=== GIVEN DATA ===

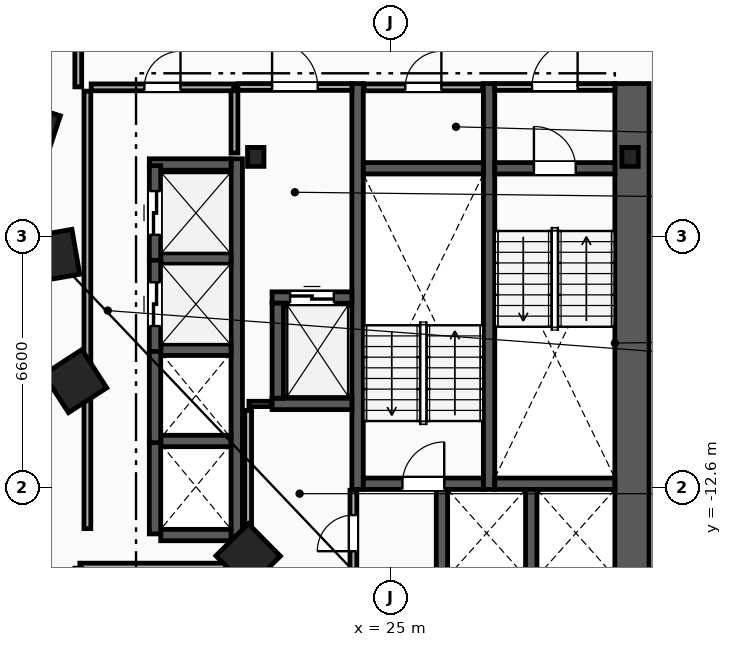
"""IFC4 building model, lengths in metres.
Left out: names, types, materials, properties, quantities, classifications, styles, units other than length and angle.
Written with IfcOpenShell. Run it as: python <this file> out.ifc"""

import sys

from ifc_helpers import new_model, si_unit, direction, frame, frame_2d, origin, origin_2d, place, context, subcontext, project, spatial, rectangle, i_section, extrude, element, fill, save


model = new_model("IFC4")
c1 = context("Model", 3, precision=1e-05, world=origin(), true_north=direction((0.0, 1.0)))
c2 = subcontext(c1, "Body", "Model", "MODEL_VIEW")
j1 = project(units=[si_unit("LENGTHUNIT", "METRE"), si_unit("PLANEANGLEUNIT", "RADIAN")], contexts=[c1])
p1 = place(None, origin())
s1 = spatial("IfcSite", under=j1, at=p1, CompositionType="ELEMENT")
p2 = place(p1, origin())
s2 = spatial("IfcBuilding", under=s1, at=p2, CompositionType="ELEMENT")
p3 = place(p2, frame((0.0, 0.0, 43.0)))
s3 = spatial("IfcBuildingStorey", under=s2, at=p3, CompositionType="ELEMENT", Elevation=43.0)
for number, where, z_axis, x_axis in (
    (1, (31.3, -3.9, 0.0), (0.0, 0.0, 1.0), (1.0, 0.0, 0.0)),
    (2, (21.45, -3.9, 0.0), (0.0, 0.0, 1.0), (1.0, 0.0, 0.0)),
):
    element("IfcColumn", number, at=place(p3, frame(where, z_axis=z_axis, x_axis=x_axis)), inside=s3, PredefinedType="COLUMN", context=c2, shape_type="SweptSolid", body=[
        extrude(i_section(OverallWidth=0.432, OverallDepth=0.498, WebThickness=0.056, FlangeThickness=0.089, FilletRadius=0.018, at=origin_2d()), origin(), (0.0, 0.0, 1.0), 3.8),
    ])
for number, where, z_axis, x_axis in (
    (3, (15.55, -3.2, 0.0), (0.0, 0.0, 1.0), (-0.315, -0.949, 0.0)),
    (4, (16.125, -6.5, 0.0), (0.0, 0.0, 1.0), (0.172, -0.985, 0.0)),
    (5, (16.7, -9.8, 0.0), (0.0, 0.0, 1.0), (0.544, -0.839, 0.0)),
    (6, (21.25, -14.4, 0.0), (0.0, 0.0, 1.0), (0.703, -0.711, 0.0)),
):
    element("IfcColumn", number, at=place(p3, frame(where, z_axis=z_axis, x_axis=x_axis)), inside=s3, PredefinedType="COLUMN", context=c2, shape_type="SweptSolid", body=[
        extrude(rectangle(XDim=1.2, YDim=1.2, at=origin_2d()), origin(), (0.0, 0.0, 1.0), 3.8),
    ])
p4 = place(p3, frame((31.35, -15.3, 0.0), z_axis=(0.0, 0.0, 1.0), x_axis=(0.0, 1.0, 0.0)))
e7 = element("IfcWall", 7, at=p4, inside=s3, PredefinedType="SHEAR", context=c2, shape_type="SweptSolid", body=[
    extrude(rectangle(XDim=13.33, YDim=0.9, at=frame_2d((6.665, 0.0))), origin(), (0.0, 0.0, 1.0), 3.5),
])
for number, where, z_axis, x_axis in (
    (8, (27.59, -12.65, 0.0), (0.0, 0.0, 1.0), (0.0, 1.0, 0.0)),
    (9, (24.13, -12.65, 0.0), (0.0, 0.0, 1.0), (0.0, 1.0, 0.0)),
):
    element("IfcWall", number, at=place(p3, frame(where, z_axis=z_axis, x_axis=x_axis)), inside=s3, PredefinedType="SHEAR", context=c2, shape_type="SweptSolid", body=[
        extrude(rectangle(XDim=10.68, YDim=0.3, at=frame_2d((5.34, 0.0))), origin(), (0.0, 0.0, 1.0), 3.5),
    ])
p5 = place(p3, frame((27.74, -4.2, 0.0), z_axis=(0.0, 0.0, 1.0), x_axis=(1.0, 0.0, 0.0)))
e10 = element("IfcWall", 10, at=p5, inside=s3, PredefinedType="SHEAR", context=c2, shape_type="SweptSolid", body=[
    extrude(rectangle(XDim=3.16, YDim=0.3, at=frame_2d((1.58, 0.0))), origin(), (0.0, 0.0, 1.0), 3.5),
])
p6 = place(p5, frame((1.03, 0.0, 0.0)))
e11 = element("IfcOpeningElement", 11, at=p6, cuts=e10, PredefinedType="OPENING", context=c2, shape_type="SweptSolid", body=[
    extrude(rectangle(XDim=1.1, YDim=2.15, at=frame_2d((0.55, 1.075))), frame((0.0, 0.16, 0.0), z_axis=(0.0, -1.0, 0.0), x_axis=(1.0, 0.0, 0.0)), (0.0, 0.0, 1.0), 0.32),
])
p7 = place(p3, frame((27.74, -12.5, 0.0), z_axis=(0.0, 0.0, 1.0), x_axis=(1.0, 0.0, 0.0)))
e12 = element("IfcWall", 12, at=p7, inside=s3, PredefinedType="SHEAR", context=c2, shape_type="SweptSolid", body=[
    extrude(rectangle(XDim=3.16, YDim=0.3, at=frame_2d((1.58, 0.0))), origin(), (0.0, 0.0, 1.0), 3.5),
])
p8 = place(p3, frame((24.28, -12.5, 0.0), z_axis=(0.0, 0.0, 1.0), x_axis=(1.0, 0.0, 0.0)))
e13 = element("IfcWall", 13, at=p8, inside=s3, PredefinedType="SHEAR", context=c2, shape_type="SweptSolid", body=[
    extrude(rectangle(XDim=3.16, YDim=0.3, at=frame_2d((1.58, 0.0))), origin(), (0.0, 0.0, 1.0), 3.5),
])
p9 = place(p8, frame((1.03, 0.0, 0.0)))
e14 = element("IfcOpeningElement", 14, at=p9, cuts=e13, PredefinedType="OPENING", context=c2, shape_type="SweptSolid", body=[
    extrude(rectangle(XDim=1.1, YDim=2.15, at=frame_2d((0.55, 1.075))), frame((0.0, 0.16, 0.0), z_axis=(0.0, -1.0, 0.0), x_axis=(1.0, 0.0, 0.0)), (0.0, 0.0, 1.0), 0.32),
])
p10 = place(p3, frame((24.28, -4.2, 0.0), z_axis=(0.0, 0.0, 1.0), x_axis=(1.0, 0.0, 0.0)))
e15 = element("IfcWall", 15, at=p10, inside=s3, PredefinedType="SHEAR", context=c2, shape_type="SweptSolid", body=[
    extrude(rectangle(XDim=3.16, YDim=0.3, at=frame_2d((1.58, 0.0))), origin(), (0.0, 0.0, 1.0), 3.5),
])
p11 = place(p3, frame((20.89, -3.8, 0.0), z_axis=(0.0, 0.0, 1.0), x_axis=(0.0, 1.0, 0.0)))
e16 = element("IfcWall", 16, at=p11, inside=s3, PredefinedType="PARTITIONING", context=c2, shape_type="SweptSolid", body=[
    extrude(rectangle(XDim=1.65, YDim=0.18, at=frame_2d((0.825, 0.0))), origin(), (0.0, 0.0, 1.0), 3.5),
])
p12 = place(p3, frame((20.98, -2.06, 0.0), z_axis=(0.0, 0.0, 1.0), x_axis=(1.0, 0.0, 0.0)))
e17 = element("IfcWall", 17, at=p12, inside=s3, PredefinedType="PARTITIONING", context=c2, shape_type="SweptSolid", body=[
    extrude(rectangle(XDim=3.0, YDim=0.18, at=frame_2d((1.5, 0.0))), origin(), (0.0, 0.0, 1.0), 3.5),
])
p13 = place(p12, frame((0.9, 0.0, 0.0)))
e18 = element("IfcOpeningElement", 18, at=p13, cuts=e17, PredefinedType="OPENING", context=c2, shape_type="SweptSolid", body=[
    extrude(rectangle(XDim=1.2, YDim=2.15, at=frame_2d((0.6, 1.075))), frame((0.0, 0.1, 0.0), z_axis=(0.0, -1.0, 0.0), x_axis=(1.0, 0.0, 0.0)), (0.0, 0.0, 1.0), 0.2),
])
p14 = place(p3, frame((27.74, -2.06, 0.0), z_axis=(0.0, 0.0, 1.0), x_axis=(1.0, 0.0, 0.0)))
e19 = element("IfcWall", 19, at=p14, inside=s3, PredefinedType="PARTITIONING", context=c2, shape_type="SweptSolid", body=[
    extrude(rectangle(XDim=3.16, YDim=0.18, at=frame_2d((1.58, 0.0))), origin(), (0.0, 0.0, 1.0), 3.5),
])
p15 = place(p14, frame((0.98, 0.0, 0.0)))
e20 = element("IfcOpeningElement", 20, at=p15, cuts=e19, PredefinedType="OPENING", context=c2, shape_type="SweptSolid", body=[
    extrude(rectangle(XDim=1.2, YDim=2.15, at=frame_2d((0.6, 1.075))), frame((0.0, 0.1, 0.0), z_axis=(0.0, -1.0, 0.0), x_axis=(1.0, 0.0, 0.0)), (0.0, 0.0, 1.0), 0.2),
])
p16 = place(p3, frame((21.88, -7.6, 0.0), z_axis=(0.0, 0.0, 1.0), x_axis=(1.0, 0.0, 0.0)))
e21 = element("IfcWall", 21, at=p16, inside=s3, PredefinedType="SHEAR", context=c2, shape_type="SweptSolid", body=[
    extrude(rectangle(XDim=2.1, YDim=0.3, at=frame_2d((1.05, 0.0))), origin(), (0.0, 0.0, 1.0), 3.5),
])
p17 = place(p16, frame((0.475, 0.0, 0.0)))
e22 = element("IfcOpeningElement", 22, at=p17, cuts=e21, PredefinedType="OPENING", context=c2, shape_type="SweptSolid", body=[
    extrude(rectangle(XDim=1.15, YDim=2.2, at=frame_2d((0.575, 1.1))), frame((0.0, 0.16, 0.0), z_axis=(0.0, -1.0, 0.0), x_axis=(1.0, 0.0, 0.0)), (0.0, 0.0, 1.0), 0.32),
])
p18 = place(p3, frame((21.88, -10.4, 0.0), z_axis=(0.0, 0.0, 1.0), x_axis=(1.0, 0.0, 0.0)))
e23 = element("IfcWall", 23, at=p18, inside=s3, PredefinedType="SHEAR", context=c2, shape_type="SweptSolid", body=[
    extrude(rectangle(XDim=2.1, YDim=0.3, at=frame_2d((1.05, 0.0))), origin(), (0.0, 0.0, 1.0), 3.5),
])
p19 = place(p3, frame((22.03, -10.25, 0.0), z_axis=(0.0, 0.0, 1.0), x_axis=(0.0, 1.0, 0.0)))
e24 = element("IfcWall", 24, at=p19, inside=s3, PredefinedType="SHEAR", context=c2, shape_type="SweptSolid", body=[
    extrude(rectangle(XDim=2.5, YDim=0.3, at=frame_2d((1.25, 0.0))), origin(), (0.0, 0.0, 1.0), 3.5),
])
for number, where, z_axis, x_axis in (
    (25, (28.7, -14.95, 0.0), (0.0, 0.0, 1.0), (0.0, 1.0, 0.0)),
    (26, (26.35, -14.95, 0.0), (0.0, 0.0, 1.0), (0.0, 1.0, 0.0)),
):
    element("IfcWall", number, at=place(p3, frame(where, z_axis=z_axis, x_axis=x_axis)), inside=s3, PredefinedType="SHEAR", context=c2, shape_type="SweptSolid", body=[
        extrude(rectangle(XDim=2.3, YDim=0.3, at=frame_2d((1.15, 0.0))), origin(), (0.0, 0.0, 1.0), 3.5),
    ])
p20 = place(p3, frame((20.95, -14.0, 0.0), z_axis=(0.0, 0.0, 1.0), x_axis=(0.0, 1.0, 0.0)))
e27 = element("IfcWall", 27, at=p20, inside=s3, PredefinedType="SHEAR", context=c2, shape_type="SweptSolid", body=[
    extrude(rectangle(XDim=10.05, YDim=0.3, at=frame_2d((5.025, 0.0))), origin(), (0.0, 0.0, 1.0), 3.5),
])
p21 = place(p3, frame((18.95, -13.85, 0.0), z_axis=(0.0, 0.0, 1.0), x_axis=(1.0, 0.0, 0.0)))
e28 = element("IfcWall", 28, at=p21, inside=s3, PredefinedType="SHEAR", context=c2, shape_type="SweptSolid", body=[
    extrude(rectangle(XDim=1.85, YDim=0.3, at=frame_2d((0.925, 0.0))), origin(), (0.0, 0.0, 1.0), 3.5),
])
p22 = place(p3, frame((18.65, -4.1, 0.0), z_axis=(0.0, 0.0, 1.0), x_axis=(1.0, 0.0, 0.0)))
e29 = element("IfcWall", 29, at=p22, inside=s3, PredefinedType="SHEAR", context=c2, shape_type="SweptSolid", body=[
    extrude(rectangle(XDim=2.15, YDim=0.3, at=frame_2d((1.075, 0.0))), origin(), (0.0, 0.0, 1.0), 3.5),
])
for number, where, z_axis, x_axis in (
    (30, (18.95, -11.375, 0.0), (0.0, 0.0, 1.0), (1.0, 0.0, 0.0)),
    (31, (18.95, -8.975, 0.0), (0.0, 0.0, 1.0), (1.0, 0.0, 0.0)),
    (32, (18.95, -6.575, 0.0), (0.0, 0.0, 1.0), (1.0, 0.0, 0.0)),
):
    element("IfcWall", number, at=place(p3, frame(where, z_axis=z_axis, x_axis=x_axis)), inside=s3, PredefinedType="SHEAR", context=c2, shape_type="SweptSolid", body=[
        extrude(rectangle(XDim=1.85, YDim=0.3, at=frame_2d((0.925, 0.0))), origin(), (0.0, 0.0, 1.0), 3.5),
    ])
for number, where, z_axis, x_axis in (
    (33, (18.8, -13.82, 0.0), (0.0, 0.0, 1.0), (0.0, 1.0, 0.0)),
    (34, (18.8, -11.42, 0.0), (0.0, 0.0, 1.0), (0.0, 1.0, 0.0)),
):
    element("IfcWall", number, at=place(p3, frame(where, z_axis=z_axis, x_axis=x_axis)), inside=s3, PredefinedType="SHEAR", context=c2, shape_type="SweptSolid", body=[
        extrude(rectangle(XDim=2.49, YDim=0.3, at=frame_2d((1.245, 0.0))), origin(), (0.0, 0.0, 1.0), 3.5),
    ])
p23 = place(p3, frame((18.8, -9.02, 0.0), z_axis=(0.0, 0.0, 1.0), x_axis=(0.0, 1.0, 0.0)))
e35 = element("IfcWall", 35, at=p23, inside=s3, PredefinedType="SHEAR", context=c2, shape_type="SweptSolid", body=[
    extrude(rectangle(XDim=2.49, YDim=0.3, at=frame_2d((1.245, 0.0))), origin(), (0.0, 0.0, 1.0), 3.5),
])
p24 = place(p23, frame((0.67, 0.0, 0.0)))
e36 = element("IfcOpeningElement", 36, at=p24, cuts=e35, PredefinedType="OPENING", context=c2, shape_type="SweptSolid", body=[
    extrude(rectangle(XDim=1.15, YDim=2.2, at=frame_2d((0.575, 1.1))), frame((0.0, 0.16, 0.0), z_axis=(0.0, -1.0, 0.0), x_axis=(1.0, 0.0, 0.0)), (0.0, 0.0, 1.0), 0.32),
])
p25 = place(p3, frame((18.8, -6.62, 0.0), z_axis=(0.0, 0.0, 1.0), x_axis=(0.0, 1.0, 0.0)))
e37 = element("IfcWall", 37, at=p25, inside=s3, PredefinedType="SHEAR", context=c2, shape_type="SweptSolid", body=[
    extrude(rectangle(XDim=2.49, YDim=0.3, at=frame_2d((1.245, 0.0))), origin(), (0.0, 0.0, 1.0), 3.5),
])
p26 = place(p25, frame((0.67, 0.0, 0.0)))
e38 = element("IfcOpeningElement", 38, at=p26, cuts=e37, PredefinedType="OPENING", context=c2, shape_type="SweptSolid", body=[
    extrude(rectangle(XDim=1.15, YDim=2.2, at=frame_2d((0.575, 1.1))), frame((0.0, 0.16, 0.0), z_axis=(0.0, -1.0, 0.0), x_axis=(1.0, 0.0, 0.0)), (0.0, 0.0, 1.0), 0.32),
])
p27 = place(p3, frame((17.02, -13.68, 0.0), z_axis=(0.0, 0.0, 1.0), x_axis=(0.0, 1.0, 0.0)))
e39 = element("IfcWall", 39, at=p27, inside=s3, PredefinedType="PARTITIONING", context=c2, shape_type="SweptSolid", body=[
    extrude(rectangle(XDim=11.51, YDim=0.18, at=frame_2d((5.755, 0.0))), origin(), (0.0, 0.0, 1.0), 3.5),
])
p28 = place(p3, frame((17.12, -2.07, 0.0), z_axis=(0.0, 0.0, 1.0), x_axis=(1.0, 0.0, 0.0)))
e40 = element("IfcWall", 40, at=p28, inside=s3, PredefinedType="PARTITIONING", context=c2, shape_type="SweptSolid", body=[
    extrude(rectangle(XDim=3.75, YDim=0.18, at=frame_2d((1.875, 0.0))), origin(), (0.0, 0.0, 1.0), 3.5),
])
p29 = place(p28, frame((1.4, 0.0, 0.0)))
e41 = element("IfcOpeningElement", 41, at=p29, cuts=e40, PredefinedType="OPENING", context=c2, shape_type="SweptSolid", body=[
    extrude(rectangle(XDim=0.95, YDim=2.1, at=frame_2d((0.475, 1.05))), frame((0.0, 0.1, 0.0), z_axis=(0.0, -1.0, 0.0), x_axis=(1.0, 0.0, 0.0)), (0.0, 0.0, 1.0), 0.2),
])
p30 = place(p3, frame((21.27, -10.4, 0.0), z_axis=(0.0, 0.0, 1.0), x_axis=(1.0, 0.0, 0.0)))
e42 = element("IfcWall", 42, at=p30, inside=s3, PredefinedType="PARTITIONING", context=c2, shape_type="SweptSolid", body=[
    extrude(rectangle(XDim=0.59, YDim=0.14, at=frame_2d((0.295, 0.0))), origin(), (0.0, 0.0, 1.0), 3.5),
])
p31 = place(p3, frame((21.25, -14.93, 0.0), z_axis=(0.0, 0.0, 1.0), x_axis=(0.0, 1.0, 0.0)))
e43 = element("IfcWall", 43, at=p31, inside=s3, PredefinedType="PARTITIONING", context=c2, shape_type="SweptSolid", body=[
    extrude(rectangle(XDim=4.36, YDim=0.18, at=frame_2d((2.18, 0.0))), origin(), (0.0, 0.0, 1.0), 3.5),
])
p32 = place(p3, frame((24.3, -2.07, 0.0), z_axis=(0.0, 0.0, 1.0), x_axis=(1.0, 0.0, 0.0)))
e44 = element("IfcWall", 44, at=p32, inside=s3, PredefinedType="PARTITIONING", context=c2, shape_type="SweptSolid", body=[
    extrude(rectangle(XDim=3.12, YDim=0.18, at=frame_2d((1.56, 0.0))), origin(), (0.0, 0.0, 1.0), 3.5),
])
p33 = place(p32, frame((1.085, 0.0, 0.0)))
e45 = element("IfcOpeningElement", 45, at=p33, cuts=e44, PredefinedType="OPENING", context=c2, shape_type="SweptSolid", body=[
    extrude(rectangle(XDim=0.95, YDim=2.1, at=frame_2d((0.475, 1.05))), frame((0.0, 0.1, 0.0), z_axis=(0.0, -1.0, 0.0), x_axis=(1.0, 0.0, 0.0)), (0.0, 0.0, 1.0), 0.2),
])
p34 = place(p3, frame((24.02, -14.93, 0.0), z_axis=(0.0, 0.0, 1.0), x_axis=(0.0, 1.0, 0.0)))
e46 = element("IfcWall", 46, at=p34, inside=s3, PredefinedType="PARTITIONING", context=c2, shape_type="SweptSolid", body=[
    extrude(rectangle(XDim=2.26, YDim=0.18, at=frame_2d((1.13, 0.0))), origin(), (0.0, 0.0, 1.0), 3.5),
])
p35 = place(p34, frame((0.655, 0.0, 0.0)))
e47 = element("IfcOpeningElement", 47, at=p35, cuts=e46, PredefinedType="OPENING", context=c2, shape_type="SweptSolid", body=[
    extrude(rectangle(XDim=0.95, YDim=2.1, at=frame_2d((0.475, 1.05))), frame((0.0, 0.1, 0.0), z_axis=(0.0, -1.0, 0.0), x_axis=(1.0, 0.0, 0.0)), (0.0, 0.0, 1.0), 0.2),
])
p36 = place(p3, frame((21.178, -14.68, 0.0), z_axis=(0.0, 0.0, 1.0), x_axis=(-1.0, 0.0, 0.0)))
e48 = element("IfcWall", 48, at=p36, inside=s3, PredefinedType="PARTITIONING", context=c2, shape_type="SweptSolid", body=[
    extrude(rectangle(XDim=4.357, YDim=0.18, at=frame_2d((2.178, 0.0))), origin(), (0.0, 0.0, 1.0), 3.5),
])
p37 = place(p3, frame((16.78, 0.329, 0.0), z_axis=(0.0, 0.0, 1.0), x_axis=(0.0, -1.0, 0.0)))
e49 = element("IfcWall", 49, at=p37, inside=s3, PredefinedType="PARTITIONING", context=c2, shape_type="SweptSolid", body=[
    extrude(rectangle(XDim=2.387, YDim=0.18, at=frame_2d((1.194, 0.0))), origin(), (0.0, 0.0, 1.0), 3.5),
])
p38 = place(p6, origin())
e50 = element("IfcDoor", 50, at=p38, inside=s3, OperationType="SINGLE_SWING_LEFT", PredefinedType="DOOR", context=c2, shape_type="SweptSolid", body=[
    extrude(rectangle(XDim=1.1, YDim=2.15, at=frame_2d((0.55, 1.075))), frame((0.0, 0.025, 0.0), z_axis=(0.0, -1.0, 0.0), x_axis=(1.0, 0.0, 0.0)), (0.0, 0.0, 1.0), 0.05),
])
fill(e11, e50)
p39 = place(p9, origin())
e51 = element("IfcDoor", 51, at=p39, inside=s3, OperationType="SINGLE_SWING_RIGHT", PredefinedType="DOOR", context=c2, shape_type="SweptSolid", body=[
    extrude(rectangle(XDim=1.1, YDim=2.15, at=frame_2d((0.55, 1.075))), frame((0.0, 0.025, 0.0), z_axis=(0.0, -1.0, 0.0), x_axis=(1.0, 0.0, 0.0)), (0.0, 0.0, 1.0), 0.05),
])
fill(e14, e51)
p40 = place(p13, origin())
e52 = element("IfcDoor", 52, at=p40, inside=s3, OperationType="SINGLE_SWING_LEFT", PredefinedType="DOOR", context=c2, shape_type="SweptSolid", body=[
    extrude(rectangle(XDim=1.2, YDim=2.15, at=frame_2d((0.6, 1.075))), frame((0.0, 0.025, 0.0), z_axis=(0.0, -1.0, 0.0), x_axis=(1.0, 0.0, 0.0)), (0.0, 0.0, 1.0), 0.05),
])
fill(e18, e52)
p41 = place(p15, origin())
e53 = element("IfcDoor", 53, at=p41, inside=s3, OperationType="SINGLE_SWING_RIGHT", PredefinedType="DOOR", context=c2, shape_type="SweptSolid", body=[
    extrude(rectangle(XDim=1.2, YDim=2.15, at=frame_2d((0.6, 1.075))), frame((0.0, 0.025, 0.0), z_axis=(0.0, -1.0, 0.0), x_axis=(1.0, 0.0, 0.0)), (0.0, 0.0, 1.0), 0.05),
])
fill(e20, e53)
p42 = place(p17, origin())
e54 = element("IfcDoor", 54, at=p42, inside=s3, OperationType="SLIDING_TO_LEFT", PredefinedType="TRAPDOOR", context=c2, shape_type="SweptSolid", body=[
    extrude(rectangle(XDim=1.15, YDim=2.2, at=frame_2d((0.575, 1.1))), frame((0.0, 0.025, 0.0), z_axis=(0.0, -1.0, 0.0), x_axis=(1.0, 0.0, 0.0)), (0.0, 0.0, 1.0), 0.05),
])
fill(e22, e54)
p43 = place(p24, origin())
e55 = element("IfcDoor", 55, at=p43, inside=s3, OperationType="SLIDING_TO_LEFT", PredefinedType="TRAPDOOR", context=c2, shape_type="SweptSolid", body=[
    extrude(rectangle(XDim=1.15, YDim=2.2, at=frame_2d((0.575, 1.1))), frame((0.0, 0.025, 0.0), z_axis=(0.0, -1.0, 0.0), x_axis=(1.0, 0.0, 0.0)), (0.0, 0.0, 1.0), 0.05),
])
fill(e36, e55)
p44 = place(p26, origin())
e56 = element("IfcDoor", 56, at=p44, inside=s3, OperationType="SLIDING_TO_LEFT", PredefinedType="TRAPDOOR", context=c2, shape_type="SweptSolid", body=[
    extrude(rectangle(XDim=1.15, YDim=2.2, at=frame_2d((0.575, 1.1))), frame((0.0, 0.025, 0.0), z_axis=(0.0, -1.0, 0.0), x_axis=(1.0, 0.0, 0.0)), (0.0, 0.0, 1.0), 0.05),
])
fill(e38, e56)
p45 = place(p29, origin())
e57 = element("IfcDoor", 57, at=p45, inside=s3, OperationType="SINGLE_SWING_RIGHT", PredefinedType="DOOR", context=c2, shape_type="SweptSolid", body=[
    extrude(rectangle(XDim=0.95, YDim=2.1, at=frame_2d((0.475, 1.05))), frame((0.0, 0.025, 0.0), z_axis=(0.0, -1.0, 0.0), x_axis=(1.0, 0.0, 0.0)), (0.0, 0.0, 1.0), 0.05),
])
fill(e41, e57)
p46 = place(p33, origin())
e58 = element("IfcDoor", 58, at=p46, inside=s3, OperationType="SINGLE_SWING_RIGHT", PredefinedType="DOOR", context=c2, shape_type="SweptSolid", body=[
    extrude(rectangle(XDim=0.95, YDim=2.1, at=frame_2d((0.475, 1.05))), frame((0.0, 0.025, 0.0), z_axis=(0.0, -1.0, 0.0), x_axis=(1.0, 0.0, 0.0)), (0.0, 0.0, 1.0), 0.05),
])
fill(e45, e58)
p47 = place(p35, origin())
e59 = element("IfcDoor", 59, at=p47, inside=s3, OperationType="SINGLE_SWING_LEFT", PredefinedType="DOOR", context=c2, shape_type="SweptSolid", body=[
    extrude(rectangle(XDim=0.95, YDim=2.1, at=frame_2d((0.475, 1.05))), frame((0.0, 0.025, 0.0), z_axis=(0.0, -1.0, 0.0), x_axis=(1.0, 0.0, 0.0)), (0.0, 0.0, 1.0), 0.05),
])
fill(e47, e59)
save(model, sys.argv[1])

===

WORK TO BE COMPLETED ::
Within the records above, each line containing "save" is to be returned.

RESULT FOR THIS TASK ::
from ifc_helpers import new_model, si_unit, direction, frame, frame_2d, origin, origin_2d, place, context, subcontext, project, spatial, rectangle, i_section, extrude, element, fill, save
save(model, sys.argv[1])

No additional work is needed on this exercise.